What the exercise asks: Please print the entries below exactly, from the line with "colour RGB 0" through the line with "trimmed, source, transform, mapped, element, save", including both of those lines and leaving out all others.

----------------------------------------

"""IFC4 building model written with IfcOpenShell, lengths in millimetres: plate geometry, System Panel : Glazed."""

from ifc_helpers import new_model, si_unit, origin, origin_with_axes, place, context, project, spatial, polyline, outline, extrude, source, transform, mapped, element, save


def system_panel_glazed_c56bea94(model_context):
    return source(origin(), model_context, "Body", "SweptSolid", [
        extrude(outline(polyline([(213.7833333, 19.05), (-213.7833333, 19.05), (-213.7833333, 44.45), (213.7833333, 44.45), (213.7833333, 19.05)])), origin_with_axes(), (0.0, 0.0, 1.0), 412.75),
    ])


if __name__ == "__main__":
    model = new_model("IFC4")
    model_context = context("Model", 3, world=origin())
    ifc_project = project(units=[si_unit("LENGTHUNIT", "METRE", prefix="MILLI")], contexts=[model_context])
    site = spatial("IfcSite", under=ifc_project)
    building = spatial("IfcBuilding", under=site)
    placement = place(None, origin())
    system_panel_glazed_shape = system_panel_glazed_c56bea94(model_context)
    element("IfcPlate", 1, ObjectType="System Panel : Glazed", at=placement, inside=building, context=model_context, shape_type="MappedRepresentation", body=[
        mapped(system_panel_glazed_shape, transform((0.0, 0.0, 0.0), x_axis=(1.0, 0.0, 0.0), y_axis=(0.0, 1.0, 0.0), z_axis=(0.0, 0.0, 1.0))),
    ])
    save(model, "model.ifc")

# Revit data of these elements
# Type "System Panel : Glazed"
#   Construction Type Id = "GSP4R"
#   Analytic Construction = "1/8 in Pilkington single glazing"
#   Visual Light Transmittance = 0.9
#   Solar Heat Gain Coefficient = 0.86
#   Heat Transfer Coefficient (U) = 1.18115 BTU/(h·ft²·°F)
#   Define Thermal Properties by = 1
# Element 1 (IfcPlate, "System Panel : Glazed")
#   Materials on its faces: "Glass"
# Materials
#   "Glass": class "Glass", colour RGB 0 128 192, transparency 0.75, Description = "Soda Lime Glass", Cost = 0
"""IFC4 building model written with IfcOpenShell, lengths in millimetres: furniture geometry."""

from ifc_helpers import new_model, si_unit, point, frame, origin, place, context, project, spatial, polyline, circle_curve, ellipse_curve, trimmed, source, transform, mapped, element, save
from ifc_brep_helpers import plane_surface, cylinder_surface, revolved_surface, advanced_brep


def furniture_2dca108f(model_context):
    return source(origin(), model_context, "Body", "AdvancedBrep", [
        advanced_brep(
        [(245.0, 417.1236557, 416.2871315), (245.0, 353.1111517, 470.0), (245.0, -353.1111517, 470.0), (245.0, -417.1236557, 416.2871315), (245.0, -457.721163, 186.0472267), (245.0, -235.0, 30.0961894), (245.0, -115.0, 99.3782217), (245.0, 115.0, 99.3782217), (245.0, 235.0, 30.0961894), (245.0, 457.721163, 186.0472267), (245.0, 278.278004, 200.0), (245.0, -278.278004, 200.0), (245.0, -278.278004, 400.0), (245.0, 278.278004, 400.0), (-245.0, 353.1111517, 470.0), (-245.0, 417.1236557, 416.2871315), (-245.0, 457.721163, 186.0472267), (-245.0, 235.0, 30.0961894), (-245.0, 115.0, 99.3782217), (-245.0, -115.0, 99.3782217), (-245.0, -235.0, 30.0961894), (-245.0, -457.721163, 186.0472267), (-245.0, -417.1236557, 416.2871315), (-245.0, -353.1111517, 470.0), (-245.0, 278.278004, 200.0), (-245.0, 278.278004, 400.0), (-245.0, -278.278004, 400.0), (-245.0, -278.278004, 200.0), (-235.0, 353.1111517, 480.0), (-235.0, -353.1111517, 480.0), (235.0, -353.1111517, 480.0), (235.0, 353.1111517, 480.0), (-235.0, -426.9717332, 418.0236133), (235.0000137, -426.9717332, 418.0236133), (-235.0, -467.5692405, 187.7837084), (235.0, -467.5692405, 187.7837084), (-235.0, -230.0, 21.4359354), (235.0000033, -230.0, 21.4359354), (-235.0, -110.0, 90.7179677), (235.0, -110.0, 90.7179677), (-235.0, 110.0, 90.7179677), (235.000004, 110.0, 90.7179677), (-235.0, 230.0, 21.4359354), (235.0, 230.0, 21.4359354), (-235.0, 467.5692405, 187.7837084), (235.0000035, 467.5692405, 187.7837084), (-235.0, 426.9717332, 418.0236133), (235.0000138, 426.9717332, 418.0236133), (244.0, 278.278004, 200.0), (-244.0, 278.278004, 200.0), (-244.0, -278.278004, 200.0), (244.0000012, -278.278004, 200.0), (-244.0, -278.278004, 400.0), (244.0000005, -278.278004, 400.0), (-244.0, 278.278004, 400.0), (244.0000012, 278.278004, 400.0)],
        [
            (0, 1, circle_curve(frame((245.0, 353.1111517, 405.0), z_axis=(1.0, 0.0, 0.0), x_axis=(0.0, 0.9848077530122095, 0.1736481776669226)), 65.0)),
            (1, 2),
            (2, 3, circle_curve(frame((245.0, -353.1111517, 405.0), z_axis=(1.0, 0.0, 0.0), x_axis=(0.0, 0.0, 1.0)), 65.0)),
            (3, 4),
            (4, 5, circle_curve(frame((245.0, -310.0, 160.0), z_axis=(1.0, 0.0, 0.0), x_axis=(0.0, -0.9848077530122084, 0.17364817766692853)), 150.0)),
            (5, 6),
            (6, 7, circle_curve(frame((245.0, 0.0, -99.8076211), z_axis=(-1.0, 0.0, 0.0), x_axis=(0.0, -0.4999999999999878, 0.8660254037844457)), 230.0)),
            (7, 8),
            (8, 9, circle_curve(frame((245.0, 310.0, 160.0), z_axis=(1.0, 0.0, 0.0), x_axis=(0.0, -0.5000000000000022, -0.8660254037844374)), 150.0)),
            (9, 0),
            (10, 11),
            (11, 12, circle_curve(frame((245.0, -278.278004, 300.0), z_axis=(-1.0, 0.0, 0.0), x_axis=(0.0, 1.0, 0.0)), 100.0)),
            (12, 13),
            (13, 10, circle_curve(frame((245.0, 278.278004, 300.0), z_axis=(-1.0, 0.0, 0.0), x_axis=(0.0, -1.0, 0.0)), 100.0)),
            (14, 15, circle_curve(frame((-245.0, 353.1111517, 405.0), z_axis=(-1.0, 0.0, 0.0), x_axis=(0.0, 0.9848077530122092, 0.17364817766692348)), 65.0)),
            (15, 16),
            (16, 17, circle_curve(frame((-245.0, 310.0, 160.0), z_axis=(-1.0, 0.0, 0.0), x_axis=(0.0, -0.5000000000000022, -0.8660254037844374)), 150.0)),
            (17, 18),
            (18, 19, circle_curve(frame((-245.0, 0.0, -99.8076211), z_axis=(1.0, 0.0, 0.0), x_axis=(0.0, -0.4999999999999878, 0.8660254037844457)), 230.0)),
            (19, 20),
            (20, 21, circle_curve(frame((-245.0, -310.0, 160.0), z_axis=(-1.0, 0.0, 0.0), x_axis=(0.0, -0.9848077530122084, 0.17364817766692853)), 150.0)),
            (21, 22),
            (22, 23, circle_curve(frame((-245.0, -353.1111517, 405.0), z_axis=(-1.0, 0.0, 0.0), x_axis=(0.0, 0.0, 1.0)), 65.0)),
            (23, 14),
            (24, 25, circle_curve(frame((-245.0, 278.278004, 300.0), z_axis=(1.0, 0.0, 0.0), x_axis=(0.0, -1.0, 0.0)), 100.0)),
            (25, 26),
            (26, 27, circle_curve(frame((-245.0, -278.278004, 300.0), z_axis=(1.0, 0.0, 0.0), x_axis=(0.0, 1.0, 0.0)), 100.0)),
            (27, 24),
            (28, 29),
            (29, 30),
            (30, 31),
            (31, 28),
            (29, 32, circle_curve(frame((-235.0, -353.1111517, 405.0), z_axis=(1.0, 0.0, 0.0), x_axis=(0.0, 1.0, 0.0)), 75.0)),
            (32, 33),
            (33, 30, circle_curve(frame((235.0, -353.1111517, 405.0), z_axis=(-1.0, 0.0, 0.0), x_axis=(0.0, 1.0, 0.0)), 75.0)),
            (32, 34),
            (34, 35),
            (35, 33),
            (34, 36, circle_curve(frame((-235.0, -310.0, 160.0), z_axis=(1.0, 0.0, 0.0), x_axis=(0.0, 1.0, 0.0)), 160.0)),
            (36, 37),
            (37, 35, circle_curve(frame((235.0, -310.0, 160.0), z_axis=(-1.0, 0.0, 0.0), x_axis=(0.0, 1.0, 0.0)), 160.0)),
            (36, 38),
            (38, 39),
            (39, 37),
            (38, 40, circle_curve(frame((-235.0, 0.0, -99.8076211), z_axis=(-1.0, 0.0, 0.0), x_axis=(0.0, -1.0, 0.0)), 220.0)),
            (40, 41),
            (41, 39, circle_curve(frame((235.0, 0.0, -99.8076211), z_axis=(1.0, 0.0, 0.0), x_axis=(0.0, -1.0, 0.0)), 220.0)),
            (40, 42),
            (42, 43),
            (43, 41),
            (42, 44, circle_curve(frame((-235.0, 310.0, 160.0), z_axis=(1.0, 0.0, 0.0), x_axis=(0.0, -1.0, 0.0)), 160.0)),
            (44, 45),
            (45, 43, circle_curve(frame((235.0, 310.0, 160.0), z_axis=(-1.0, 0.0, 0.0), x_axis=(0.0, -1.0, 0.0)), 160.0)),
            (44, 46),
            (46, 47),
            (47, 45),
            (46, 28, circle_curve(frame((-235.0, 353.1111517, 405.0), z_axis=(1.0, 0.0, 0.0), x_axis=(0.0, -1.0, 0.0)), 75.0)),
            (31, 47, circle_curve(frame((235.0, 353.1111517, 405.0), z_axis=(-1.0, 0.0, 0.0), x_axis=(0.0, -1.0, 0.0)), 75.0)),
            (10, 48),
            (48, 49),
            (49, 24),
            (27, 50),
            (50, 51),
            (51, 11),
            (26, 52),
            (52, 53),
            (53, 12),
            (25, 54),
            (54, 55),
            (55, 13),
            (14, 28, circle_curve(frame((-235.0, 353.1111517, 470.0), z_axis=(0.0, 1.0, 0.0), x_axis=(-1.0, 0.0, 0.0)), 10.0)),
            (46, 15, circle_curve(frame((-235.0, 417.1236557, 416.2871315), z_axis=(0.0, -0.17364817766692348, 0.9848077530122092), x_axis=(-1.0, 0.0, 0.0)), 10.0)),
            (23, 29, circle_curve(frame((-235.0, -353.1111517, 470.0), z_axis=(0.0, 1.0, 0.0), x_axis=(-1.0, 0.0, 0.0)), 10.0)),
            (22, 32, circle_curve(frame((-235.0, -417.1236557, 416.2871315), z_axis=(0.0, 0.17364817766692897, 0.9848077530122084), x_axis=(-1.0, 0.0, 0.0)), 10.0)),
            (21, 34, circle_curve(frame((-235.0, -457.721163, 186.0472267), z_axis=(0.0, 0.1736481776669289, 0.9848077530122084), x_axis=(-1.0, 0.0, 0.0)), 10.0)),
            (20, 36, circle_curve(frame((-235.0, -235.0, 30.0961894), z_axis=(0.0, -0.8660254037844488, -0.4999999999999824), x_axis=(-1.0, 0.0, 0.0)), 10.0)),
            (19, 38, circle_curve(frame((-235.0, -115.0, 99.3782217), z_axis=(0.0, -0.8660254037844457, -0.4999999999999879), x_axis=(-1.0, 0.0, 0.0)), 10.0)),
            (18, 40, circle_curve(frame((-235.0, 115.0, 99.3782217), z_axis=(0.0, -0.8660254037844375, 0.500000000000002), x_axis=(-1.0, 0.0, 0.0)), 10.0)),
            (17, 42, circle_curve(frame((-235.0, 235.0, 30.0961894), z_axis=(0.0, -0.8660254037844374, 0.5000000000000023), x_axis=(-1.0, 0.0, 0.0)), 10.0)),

----------------------------------------

Solution:
#   "Glass": class "Glass", colour RGB 0 128 192, transparency 0.75, Description = "Soda Lime Glass", Cost = 0
"""IFC4 building model written with IfcOpenShell, lengths in millimetres: furniture geometry."""

from ifc_helpers import new_model, si_unit, point, frame, origin, place, context, project, spatial, polyline, circle_curve, ellipse_curve, trimmed, source, transform, mapped, element, save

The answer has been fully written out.